## Task requirements
The records below are to be restated word for word, with every picture left out.

====== Provided data ======

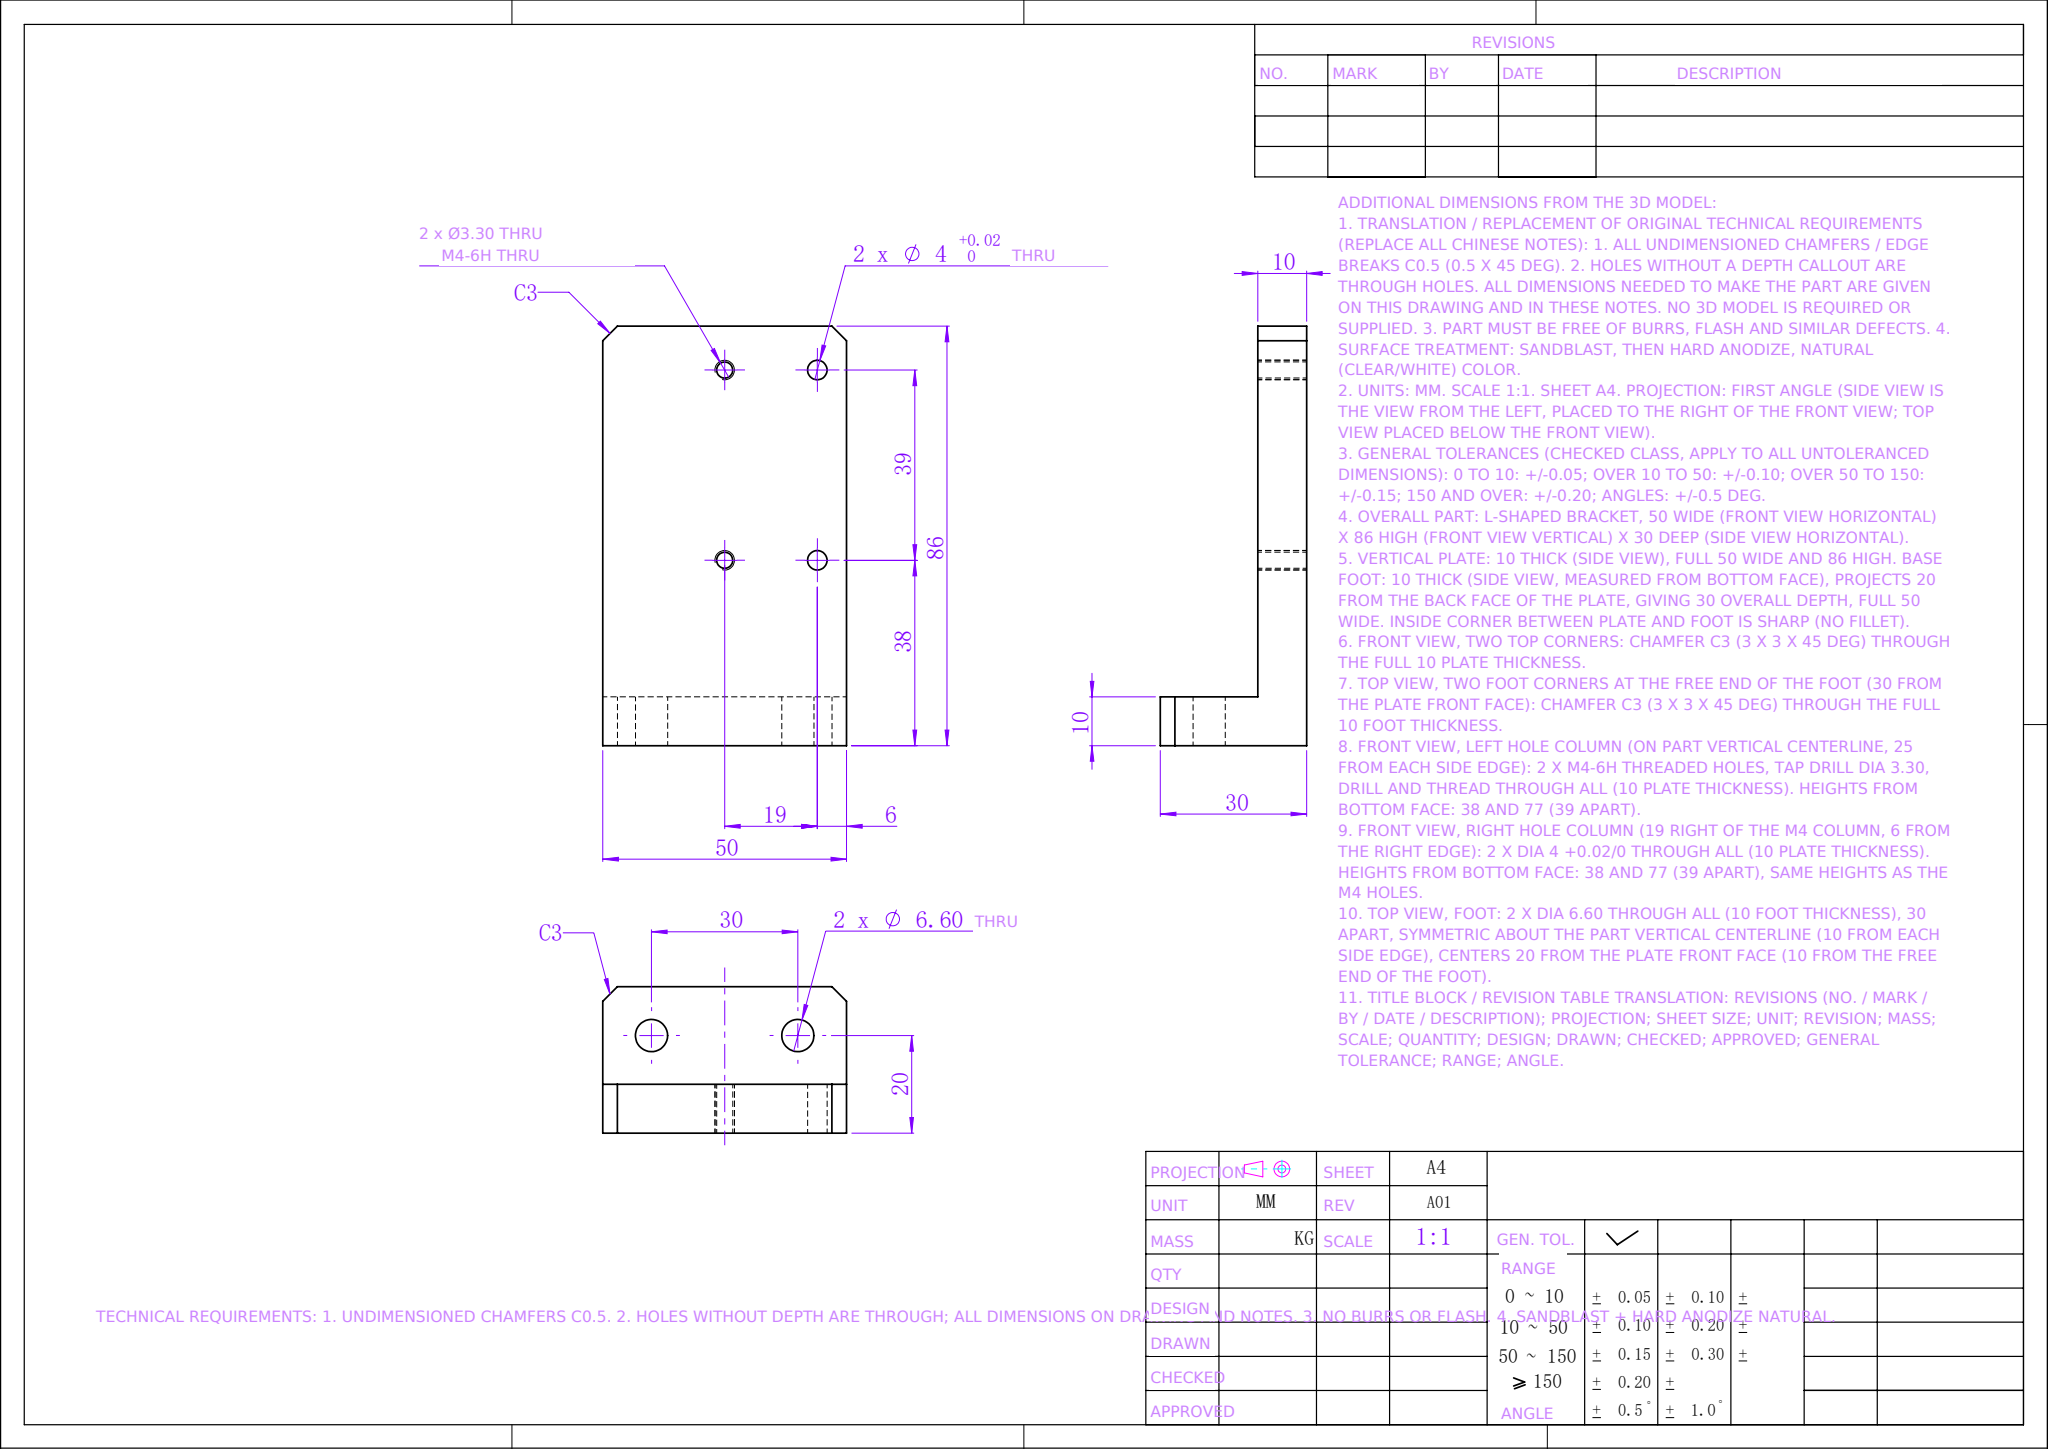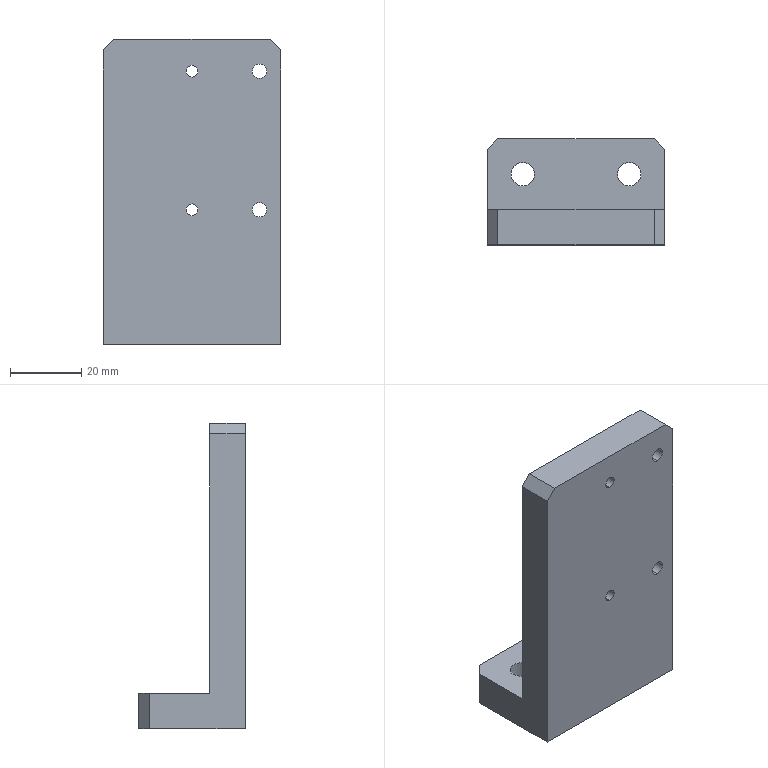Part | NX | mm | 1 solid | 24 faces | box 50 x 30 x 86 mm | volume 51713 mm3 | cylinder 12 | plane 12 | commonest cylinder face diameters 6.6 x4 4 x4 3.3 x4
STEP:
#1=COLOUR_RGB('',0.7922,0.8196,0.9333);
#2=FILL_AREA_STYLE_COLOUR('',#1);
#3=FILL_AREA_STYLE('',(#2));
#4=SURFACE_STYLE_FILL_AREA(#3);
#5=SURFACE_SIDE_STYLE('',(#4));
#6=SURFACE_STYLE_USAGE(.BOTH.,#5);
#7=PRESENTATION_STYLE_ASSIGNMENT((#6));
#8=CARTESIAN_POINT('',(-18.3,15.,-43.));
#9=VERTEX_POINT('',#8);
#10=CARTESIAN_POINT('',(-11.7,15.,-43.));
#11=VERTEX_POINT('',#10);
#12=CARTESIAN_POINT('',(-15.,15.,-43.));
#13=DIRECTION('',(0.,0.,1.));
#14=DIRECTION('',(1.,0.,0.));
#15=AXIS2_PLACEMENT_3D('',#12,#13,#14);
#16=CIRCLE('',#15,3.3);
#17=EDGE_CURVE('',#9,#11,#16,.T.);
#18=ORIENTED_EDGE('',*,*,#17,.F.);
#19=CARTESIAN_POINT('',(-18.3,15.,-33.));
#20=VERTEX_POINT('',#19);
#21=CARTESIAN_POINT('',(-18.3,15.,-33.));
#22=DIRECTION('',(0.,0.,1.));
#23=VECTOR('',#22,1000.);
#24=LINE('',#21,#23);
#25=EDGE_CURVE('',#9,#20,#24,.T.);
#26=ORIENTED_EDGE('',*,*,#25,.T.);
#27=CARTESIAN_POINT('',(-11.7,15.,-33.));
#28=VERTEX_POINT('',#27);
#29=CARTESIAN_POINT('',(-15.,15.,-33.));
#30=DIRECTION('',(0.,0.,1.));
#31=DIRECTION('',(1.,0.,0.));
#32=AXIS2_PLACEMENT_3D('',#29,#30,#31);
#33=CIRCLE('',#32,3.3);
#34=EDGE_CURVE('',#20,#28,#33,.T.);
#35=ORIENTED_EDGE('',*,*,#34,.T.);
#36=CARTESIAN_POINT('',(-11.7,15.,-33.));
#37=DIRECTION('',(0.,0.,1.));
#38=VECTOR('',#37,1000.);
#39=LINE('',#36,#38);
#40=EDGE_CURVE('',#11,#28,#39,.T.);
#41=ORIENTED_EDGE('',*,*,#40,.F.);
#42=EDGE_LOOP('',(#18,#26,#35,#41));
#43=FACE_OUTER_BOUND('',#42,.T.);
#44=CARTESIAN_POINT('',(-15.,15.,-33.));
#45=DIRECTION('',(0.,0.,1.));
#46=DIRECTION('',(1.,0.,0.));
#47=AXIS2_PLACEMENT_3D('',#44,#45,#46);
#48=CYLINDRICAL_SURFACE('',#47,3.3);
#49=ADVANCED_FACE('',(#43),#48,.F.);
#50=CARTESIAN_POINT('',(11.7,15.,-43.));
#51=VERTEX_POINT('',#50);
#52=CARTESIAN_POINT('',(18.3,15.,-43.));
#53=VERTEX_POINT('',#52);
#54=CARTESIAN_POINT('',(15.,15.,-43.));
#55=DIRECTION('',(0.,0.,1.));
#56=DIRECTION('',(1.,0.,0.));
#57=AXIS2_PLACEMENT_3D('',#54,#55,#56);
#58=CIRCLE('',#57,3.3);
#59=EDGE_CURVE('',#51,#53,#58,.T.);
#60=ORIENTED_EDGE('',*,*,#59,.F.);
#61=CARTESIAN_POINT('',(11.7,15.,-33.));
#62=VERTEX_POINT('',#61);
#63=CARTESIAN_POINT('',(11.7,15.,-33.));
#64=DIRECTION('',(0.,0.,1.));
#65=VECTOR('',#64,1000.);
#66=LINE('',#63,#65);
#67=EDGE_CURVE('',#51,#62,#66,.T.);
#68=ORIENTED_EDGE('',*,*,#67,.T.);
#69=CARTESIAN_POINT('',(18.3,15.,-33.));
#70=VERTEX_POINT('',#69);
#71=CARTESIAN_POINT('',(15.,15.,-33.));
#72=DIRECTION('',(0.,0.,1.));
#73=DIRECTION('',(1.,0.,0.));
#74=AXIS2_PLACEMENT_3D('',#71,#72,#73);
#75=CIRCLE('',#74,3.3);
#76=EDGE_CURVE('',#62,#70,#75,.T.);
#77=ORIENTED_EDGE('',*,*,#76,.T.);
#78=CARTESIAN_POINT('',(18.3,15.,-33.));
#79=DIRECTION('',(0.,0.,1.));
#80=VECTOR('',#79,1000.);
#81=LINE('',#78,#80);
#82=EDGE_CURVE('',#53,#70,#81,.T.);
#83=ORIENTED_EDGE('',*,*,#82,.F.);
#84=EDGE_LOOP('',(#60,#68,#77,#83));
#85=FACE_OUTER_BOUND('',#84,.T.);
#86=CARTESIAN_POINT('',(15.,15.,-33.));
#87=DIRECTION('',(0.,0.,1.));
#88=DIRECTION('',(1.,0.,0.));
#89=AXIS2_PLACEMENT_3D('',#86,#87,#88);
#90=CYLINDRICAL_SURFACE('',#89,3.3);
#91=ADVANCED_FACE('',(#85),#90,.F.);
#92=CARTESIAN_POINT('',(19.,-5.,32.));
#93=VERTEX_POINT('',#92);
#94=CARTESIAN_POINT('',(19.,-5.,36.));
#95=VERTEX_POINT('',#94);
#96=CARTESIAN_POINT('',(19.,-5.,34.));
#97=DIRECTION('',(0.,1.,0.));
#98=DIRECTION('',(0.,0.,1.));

======

## Response for this exercise
Part | NX | mm | 1 solid | 24 faces | box 50 x 30 x 86 mm | volume 51713 mm3 | cylinder 12 | plane 12 | commonest cylinder face diameters 6.6 x4 4 x4 3.3 x4
STEP:
#1=COLOUR_RGB('',0.7922,0.8196,0.9333);
#2=FILL_AREA_STYLE_COLOUR('',#1);
#3=FILL_AREA_STYLE('',(#2));
#4=SURFACE_STYLE_FILL_AREA(#3);
#5=SURFACE_SIDE_STYLE('',(#4));
#6=SURFACE_STYLE_USAGE(.BOTH.,#5);
#7=PRESENTATION_STYLE_ASSIGNMENT((#6));
#8=CARTESIAN_POINT('',(-18.3,15.,-43.));
#9=VERTEX_POINT('',#8);
#10=CARTESIAN_POINT('',(-11.7,15.,-43.));
#11=VERTEX_POINT('',#10);
#12=CARTESIAN_POINT('',(-15.,15.,-43.));
#13=DIRECTION('',(0.,0.,1.));
#14=DIRECTION('',(1.,0.,0.));
#15=AXIS2_PLACEMENT_3D('',#12,#13,#14);
#16=CIRCLE('',#15,3.3);
#17=EDGE_CURVE('',#9,#11,#16,.T.);
#18=ORIENTED_EDGE('',*,*,#17,.F.);
#19=CARTESIAN_POINT('',(-18.3,15.,-33.));
#20=VERTEX_POINT('',#19);
#21=CARTESIAN_POINT('',(-18.3,15.,-33.));
#22=DIRECTION('',(0.,0.,1.));
#23=VECTOR('',#22,1000.);
#24=LINE('',#21,#23);
#25=EDGE_CURVE('',#9,#20,#24,.T.);
#26=ORIENTED_EDGE('',*,*,#25,.T.);
#27=CARTESIAN_POINT('',(-11.7,15.,-33.));
#28=VERTEX_POINT('',#27);
#29=CARTESIAN_POINT('',(-15.,15.,-33.));
#30=DIRECTION('',(0.,0.,1.));
#31=DIRECTION('',(1.,0.,0.));
#32=AXIS2_PLACEMENT_3D('',#29,#30,#31);
#33=CIRCLE('',#32,3.3);
#34=EDGE_CURVE('',#20,#28,#33,.T.);
#35=ORIENTED_EDGE('',*,*,#34,.T.);
#36=CARTESIAN_POINT('',(-11.7,15.,-33.));
#37=DIRECTION('',(0.,0.,1.));
#38=VECTOR('',#37,1000.);
#39=LINE('',#36,#38);
#40=EDGE_CURVE('',#11,#28,#39,.T.);
#41=ORIENTED_EDGE('',*,*,#40,.F.);
#42=EDGE_LOOP('',(#18,#26,#35,#41));
#43=FACE_OUTER_BOUND('',#42,.T.);
#44=CARTESIAN_POINT('',(-15.,15.,-33.));
#45=DIRECTION('',(0.,0.,1.));
#46=DIRECTION('',(1.,0.,0.));
#47=AXIS2_PLACEMENT_3D('',#44,#45,#46);
#48=CYLINDRICAL_SURFACE('',#47,3.3);
#49=ADVANCED_FACE('',(#43),#48,.F.);
#50=CARTESIAN_POINT('',(11.7,15.,-43.));
#51=VERTEX_POINT('',#50);
#52=CARTESIAN_POINT('',(18.3,15.,-43.));
#53=VERTEX_POINT('',#52);
#54=CARTESIAN_POINT('',(15.,15.,-43.));
#55=DIRECTION('',(0.,0.,1.));
#56=DIRECTION('',(1.,0.,0.));
#57=AXIS2_PLACEMENT_3D('',#54,#55,#56);
#58=CIRCLE('',#57,3.3);
#59=EDGE_CURVE('',#51,#53,#58,.T.);
#60=ORIENTED_EDGE('',*,*,#59,.F.);
#61=CARTESIAN_POINT('',(11.7,15.,-33.));
#62=VERTEX_POINT('',#61);
#63=CARTESIAN_POINT('',(11.7,15.,-33.));
#64=DIRECTION('',(0.,0.,1.));
#65=VECTOR('',#64,1000.);
#66=LINE('',#63,#65);
#67=EDGE_CURVE('',#51,#62,#66,.T.);
#68=ORIENTED_EDGE('',*,*,#67,.T.);
#69=CARTESIAN_POINT('',(18.3,15.,-33.));
#70=VERTEX_POINT('',#69);
#71=CARTESIAN_POINT('',(15.,15.,-33.));
#72=DIRECTION('',(0.,0.,1.));
#73=DIRECTION('',(1.,0.,0.));
#74=AXIS2_PLACEMENT_3D('',#71,#72,#73);
#75=CIRCLE('',#74,3.3);
#76=EDGE_CURVE('',#62,#70,#75,.T.);
#77=ORIENTED_EDGE('',*,*,#76,.T.);
#78=CARTESIAN_POINT('',(18.3,15.,-33.));
#79=DIRECTION('',(0.,0.,1.));
#80=VECTOR('',#79,1000.);
#81=LINE('',#78,#80);
#82=EDGE_CURVE('',#53,#70,#81,.T.);
#83=ORIENTED_EDGE('',*,*,#82,.F.);
#84=EDGE_LOOP('',(#60,#68,#77,#83));
#85=FACE_OUTER_BOUND('',#84,.T.);
#86=CARTESIAN_POINT('',(15.,15.,-33.));
#87=DIRECTION('',(0.,0.,1.));
#88=DIRECTION('',(1.,0.,0.));
#89=AXIS2_PLACEMENT_3D('',#86,#87,#88);
#90=CYLINDRICAL_SURFACE('',#89,3.3);
#91=ADVANCED_FACE('',(#85),#90,.F.);
#92=CARTESIAN_POINT('',(19.,-5.,32.));
#93=VERTEX_POINT('',#92);
#94=CARTESIAN_POINT('',(19.,-5.,36.));
#95=VERTEX_POINT('',#94);
#96=CARTESIAN_POINT('',(19.,-5.,34.));
#97=DIRECTION('',(0.,1.,0.));
#98=DIRECTION('',(0.,0.,1.));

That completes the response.